◆ Supplied material ◆
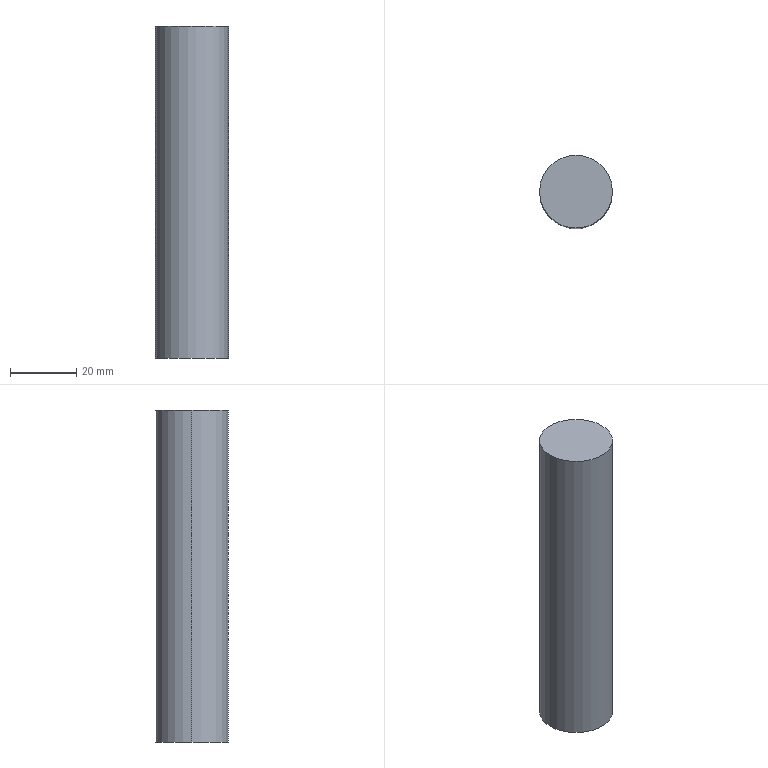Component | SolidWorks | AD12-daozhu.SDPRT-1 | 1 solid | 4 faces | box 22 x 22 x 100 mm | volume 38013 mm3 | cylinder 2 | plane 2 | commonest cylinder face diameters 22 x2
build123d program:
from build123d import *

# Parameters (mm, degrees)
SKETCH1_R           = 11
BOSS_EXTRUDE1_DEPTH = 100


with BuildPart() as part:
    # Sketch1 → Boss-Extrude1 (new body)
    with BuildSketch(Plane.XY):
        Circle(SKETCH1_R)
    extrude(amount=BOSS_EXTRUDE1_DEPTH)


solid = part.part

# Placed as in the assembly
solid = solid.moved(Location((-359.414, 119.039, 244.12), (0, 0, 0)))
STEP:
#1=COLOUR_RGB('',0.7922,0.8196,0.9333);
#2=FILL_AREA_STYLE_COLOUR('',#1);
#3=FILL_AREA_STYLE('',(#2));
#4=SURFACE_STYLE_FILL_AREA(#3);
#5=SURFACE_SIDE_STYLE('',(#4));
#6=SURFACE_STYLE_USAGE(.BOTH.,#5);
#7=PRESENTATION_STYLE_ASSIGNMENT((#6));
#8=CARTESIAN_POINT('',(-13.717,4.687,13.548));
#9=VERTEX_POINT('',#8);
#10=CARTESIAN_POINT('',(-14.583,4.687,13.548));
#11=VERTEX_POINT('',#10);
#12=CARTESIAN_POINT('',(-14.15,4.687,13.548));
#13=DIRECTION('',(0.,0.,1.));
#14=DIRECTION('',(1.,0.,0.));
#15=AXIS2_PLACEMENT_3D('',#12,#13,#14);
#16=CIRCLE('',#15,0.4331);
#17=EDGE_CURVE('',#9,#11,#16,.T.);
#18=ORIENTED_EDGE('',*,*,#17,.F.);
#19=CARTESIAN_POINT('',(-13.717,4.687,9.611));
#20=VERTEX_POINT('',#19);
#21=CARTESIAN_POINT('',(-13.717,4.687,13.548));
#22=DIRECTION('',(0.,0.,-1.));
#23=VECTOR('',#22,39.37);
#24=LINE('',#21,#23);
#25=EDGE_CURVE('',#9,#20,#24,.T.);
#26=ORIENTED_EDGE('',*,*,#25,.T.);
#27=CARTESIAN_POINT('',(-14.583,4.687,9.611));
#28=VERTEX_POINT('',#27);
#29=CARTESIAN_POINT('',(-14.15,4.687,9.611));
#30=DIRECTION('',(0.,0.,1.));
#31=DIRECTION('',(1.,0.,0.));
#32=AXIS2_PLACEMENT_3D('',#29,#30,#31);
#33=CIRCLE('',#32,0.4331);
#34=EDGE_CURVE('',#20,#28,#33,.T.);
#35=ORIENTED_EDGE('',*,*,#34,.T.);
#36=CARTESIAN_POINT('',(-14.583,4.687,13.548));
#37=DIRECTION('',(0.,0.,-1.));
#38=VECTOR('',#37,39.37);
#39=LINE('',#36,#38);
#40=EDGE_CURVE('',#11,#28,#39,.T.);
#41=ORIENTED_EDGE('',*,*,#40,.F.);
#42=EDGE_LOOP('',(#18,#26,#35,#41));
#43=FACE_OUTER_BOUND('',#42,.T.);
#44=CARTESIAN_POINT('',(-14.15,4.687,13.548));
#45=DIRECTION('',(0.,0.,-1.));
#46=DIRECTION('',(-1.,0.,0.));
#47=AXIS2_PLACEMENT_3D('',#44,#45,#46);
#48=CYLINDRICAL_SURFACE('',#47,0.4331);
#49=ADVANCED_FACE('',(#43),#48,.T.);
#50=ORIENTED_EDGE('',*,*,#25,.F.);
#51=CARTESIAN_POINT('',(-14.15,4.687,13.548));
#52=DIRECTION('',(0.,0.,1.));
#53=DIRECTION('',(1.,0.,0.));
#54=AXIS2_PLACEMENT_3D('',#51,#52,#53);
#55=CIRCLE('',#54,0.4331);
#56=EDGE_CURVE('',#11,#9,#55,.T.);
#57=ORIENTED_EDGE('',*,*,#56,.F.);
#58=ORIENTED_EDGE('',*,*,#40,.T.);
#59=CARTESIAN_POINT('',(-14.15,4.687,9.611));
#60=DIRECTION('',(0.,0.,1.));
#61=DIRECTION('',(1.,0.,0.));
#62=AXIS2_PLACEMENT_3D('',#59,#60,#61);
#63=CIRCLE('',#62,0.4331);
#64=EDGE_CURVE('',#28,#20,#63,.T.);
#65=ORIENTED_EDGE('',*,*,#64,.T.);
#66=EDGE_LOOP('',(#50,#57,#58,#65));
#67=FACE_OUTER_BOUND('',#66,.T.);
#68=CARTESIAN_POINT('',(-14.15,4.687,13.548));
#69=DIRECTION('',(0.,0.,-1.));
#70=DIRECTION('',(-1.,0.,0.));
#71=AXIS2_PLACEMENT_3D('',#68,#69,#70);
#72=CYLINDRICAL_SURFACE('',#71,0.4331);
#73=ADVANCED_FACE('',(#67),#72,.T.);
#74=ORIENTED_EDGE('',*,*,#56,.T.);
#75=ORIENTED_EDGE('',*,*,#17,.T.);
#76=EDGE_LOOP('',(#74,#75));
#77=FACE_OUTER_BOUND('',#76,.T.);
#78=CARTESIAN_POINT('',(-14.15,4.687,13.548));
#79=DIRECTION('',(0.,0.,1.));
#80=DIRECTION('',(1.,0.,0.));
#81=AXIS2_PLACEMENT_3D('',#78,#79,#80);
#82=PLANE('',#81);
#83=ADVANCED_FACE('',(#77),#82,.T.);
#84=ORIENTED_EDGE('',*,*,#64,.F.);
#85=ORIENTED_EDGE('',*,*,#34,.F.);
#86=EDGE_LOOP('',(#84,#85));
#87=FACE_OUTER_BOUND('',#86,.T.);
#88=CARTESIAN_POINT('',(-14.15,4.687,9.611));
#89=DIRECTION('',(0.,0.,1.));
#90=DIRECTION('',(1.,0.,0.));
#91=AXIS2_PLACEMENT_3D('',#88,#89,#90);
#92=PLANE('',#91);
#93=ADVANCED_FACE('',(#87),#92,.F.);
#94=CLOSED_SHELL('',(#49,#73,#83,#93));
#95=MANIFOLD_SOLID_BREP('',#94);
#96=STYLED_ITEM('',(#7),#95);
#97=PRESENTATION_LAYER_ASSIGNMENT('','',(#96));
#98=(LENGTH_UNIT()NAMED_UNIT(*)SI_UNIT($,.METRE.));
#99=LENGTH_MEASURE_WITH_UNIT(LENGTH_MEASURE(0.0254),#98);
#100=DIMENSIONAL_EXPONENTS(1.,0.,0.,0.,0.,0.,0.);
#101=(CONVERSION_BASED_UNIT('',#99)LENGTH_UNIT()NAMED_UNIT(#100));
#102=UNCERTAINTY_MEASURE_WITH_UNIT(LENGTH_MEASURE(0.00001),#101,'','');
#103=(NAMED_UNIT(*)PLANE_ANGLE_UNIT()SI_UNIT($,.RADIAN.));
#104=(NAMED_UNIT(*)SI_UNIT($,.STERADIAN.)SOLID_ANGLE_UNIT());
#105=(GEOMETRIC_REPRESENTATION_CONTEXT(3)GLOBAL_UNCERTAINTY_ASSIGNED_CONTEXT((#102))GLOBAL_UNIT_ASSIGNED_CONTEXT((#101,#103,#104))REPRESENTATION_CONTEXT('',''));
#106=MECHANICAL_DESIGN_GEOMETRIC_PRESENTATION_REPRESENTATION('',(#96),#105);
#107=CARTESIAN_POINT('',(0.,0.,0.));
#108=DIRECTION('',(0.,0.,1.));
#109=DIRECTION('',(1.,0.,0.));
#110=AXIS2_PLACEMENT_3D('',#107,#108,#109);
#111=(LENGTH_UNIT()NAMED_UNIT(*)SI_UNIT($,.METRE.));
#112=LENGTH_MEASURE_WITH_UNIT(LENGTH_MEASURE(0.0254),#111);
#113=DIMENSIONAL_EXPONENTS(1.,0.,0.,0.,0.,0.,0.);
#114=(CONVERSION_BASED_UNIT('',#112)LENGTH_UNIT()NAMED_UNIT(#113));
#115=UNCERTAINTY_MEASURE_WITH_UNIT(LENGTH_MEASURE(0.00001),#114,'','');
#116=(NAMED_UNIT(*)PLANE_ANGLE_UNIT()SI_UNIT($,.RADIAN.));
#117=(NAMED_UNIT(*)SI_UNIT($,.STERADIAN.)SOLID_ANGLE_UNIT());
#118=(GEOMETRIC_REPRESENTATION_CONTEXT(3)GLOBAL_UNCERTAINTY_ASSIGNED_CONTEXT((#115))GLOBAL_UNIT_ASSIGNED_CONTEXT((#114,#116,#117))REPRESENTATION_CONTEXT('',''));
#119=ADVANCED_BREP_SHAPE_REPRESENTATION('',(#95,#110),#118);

◆ The task ◆
The listing above holds a line with "#40=EDGE_CURVE('',#11,#28,#39,.T.);" and a line with "#79=DIRECTION('',(0.,0.,1.));". Print the stretch from the first through the second, exactly and alone.

◆ Solved exercise ◆
#40=EDGE_CURVE('',#11,#28,#39,.T.);
#41=ORIENTED_EDGE('',*,*,#40,.F.);
#42=EDGE_LOOP('',(#18,#26,#35,#41));
#43=FACE_OUTER_BOUND('',#42,.T.);
#44=CARTESIAN_POINT('',(-14.15,4.687,13.548));
#45=DIRECTION('',(0.,0.,-1.));
#46=DIRECTION('',(-1.,0.,0.));
#47=AXIS2_PLACEMENT_3D('',#44,#45,#46);
#48=CYLINDRICAL_SURFACE('',#47,0.4331);
#49=ADVANCED_FACE('',(#43),#48,.T.);
#50=ORIENTED_EDGE('',*,*,#25,.F.);
#51=CARTESIAN_POINT('',(-14.15,4.687,13.548));
#52=DIRECTION('',(0.,0.,1.));
#53=DIRECTION('',(1.,0.,0.));
#54=AXIS2_PLACEMENT_3D('',#51,#52,#53);
#55=CIRCLE('',#54,0.4331);
#56=EDGE_CURVE('',#11,#9,#55,.T.);
#57=ORIENTED_EDGE('',*,*,#56,.F.);
#58=ORIENTED_EDGE('',*,*,#40,.T.);
#59=CARTESIAN_POINT('',(-14.15,4.687,9.611));
#60=DIRECTION('',(0.,0.,1.));
#61=DIRECTION('',(1.,0.,0.));
#62=AXIS2_PLACEMENT_3D('',#59,#60,#61);
#63=CIRCLE('',#62,0.4331);
#64=EDGE_CURVE('',#28,#20,#63,.T.);
#65=ORIENTED_EDGE('',*,*,#64,.T.);
#66=EDGE_LOOP('',(#50,#57,#58,#65));
#67=FACE_OUTER_BOUND('',#66,.T.);
#68=CARTESIAN_POINT('',(-14.15,4.687,13.548));
#69=DIRECTION('',(0.,0.,-1.));
#70=DIRECTION('',(-1.,0.,0.));
#71=AXIS2_PLACEMENT_3D('',#68,#69,#70);
#72=CYLINDRICAL_SURFACE('',#71,0.4331);
#73=ADVANCED_FACE('',(#67),#72,.T.);
#74=ORIENTED_EDGE('',*,*,#56,.T.);
#75=ORIENTED_EDGE('',*,*,#17,.T.);
#76=EDGE_LOOP('',(#74,#75));
#77=FACE_OUTER_BOUND('',#76,.T.);
#78=CARTESIAN_POINT('',(-14.15,4.687,13.548));
#79=DIRECTION('',(0.,0.,1.));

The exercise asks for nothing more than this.